> Work required: In the entries below, find the line with "p2 = place(p1, origin())" and print exactly every line from there up to and including the line with "x_axis=(-0.5, -0.866025403784, 0.0)))", with no other lines.

┌─ Data records

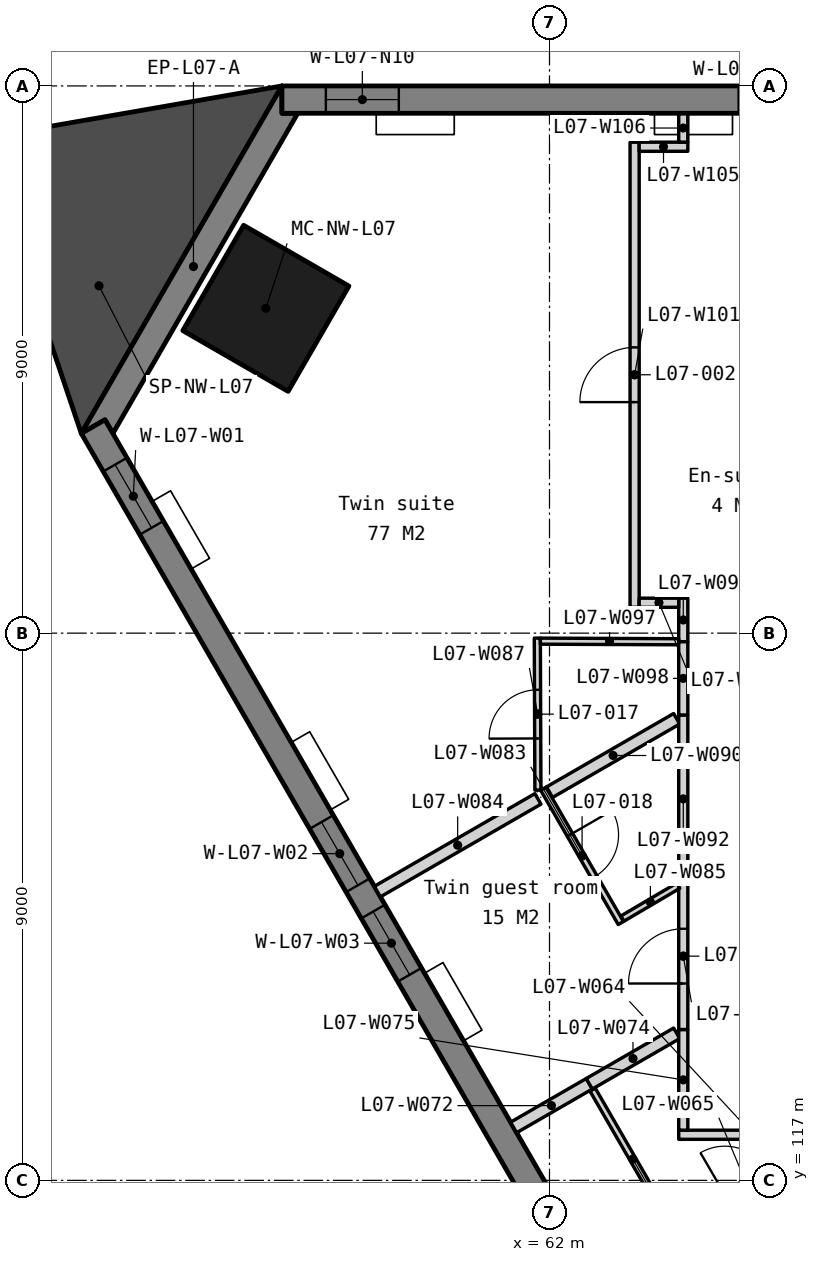
"""IFC4 building model, lengths in metres.
Left out: names, types, materials, properties, quantities, classifications, styles, units other than length and angle.
Written with IfcOpenShell. Run it as: python <this file> out.ifc"""

import sys

from ifc_helpers import new_model, si_unit, direction, frame, frame_2d, origin, origin_2d, place, context, subcontext, project, spatial, polyline, rectangle, outline, extrude, element, fill, save


model = new_model("IFC4")
c1 = context("Model", 3, precision=1e-05, world=origin(), true_north=direction((0.0, 1.0)))
c2 = subcontext(c1, "Body", "Model", "MODEL_VIEW")
j1 = project(units=[si_unit("LENGTHUNIT", "METRE"), si_unit("PLANEANGLEUNIT", "RADIAN")], contexts=[c1])
p1 = place(None, origin())
s1 = spatial("IfcSite", under=j1, at=p1, CompositionType="ELEMENT")
p2 = place(p1, origin())
s2 = spatial("IfcBuilding", under=s1, at=p2, CompositionType="ELEMENT")
p3 = place(p2, frame((0.0, 0.0, 38.5)))
s3 = spatial("IfcBuildingStorey", under=s2, at=p3, CompositionType="ELEMENT", Elevation=38.5)
p4 = place(p3, frame((57.336, 131.342, 0.0), z_axis=(0.0, 0.0, 1.0), x_axis=(-0.5, -0.866025403784, 0.0)))
e1 = element("IfcColumn", 1, at=p4, inside=s3, PredefinedType="COLUMN", context=c2, shape_type="SweptSolid", body=[
    extrude(rectangle(XDim=2.0, YDim=2.0, at=origin_2d()), origin(), (0.0, 0.0, 1.0), 3.5),
])
p5 = place(p3, frame((0.0, 0.0, -0.15)))
e2 = element("IfcWall", 2, at=p5, inside=s3, PredefinedType="SOLIDWALL", context=c2, shape_type="SweptSolid", body=[
    extrude(outline(polyline([(57.6, 135.0), (57.6, 134.55), (57.86, 134.55), (54.82, 129.284), (54.69, 129.509), (54.3, 129.284), (57.6, 135.0)])), origin(), (0.0, 0.0, 1.0), 3.5),
])
p6 = place(p3, frame((102.4, 134.775, -0.15), z_axis=(0.0, 0.0, 1.0), x_axis=(-1.0, 0.0, 0.0)))
e3 = element("IfcWall", 3, at=p6, inside=s3, PredefinedType="SOLIDWALL", context=c2, shape_type="SweptSolid", body=[
    extrude(outline(polyline([(44.8, 0.0), (44.8, 3.5), (0.0, 3.5), (0.0, 0.0), (44.8, 0.0)])), frame((0.0, 0.225, 0.0), z_axis=(0.0, -1.0, 0.0), x_axis=(1.0, 0.0, 0.0)), (0.0, 0.0, 1.0), 0.45),
])
p7 = place(p6, frame((0.722, 0.0, 1.05)))
e4 = element("IfcOpeningElement", 4, at=p7, cuts=e3, PredefinedType="OPENING", context=c2, shape_type="SweptSolid", body=[
    extrude(rectangle(XDim=1.2, YDim=1.5, at=frame_2d((0.6, 0.75))), frame((0.0, 0.235, 0.0), z_axis=(0.0, -1.0, 0.0), x_axis=(1.0, 0.0, 0.0)), (0.0, 0.0, 1.0), 0.47),
])
p8 = place(p6, frame((7.51, 0.0, 1.05)))
e5 = element("IfcOpeningElement", 5, at=p8, cuts=e3, PredefinedType="OPENING", context=c2, shape_type="SweptSolid", body=[
    extrude(rectangle(XDim=1.2, YDim=1.5, at=frame_2d((0.6, 0.75))), frame((0.0, 0.235, 0.0), z_axis=(0.0, -1.0, 0.0), x_axis=(1.0, 0.0, 0.0)), (0.0, 0.0, 1.0), 0.47),
])
p9 = place(p6, frame((9.21, 0.0, 1.05)))
e6 = element("IfcOpeningElement", 6, at=p9, cuts=e3, PredefinedType="OPENING", context=c2, shape_type="SweptSolid", body=[
    extrude(rectangle(XDim=1.2, YDim=1.5, at=frame_2d((0.6, 0.75))), frame((0.0, 0.235, 0.0), z_axis=(0.0, -1.0, 0.0), x_axis=(1.0, 0.0, 0.0)), (0.0, 0.0, 1.0), 0.47),
])
p10 = place(p6, frame((16.47, 0.0, 1.05)))
e7 = element("IfcOpeningElement", 7, at=p10, cuts=e3, PredefinedType="OPENING", context=c2, shape_type="SweptSolid", body=[
    extrude(rectangle(XDim=1.2, YDim=1.5, at=frame_2d((0.6, 0.75))), frame((0.0, 0.235, 0.0), z_axis=(0.0, -1.0, 0.0), x_axis=(1.0, 0.0, 0.0)), (0.0, 0.0, 1.0), 0.47),
])
p11 = place(p6, frame((18.17, 0.0, 1.05)))
e8 = element("IfcOpeningElement", 8, at=p11, cuts=e3, PredefinedType="OPENING", context=c2, shape_type="SweptSolid", body=[
    extrude(rectangle(XDim=1.2, YDim=1.5, at=frame_2d((0.6, 0.75))), frame((0.0, 0.235, 0.0), z_axis=(0.0, -1.0, 0.0), x_axis=(1.0, 0.0, 0.0)), (0.0, 0.0, 1.0), 0.47),
])
p12 = place(p6, frame((25.43, 0.0, 1.05)))
e9 = element("IfcOpeningElement", 9, at=p12, cuts=e3, PredefinedType="OPENING", context=c2, shape_type="SweptSolid", body=[
    extrude(rectangle(XDim=1.2, YDim=1.5, at=frame_2d((0.6, 0.75))), frame((0.0, 0.235, 0.0), z_axis=(0.0, -1.0, 0.0), x_axis=(1.0, 0.0, 0.0)), (0.0, 0.0, 1.0), 0.47),
])
p13 = place(p6, frame((27.13, 0.0, 1.05)))
e10 = element("IfcOpeningElement", 10, at=p13, cuts=e3, PredefinedType="OPENING", context=c2, shape_type="SweptSolid", body=[
    extrude(rectangle(XDim=1.2, YDim=1.5, at=frame_2d((0.6, 0.75))), frame((0.0, 0.235, 0.0), z_axis=(0.0, -1.0, 0.0), x_axis=(1.0, 0.0, 0.0)), (0.0, 0.0, 1.0), 0.47),
])
p14 = place(p6, frame((34.39, 0.0, 1.05)))
e11 = element("IfcOpeningElement", 11, at=p14, cuts=e3, PredefinedType="OPENING", context=c2, shape_type="SweptSolid", body=[
    extrude(rectangle(XDim=1.2, YDim=1.5, at=frame_2d((0.6, 0.75))), frame((0.0, 0.235, 0.0), z_axis=(0.0, -1.0, 0.0), x_axis=(1.0, 0.0, 0.0)), (0.0, 0.0, 1.0), 0.47),
])
p15 = place(p6, frame((36.09, 0.0, 1.05)))
e12 = element("IfcOpeningElement", 12, at=p15, cuts=e3, PredefinedType="OPENING", context=c2, shape_type="SweptSolid", body=[
    extrude(rectangle(XDim=1.2, YDim=1.5, at=frame_2d((0.6, 0.75))), frame((0.0, 0.235, 0.0), z_axis=(0.0, -1.0, 0.0), x_axis=(1.0, 0.0, 0.0)), (0.0, 0.0, 1.0), 0.47),
])
p16 = place(p6, frame((42.878, 0.0, 1.05)))
e13 = element("IfcOpeningElement", 13, at=p16, cuts=e3, PredefinedType="OPENING", context=c2, shape_type="SweptSolid", body=[
    extrude(rectangle(XDim=1.2, YDim=1.5, at=frame_2d((0.6, 0.75))), frame((0.0, 0.235, 0.0), z_axis=(0.0, -1.0, 0.0), x_axis=(1.0, 0.0, 0.0)), (0.0, 0.0, 1.0), 0.47),
])
p17 = place(p3, frame((54.495, 129.397, -0.15), z_axis=(0.0, 0.0, 1.0), x_axis=(0.499999201451, -0.866025864826, 0.0)))
e14 = element("IfcWall", 14, at=p17, inside=s3, PredefinedType="SOLIDWALL", context=c2, shape_type="SweptSolid", body=[
    extrude(outline(polyline([(44.8, 0.0), (44.8, 3.5), (0.0, 3.5), (0.0, 0.0), (44.8, 0.0)])), frame((0.0, 0.225, 0.0), z_axis=(0.0, -1.0, 0.0), x_axis=(1.0, 0.0, 0.0)), (0.0, 0.0, 1.0), 0.45),
])
p18 = place(p17, frame((0.722, 0.0, 1.05)))
e15 = element("IfcOpeningElement", 15, at=p18, cuts=e14, PredefinedType="OPENING", context=c2, shape_type="SweptSolid", body=[
    extrude(rectangle(XDim=1.2, YDim=1.5, at=frame_2d((0.6, 0.75))), frame((0.0, 0.235, 0.0), z_axis=(0.0, -1.0, 0.0), x_axis=(1.0, 0.0, 0.0)), (0.0, 0.0, 1.0), 0.47),
])
p19 = place(p17, frame((7.51, 0.0, 1.05)))
e16 = element("IfcOpeningElement", 16, at=p19, cuts=e14, PredefinedType="OPENING", context=c2, shape_type="SweptSolid", body=[
    extrude(rectangle(XDim=1.2, YDim=1.5, at=frame_2d((0.6, 0.75))), frame((0.0, 0.235, 0.0), z_axis=(0.0, -1.0, 0.0), x_axis=(1.0, 0.0, 0.0)), (0.0, 0.0, 1.0), 0.47),
])
p20 = place(p17, frame((9.21, 0.0, 1.05)))
e17 = element("IfcOpeningElement", 17, at=p20, cuts=e14, PredefinedType="OPENING", context=c2, shape_type="SweptSolid", body=[
    extrude(rectangle(XDim=1.2, YDim=1.5, at=frame_2d((0.6, 0.75))), frame((0.0, 0.235, 0.0), z_axis=(0.0, -1.0, 0.0), x_axis=(1.0, 0.0, 0.0)), (0.0, 0.0, 1.0), 0.47),
])
p21 = place(p17, frame((16.47, 0.0, 1.05)))
e18 = element("IfcOpeningElement", 18, at=p21, cuts=e14, PredefinedType="OPENING", context=c2, shape_type="SweptSolid", body=[
    extrude(rectangle(XDim=1.2, YDim=1.5, at=frame_2d((0.6, 0.75))), frame((0.0, 0.235, 0.0), z_axis=(0.0, -1.0, 0.0), x_axis=(1.0, 0.0, 0.0)), (0.0, 0.0, 1.0), 0.47),
])
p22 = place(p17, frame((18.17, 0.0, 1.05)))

└─

> Written answer:
p2 = place(p1, origin())
s2 = spatial("IfcBuilding", under=s1, at=p2, CompositionType="ELEMENT")
p3 = place(p2, frame((0.0, 0.0, 38.5)))
s3 = spatial("IfcBuildingStorey", under=s2, at=p3, CompositionType="ELEMENT", Elevation=38.5)
p4 = place(p3, frame((57.336, 131.342, 0.0), z_axis=(0.0, 0.0, 1.0), x_axis=(-0.5, -0.866025403784, 0.0)))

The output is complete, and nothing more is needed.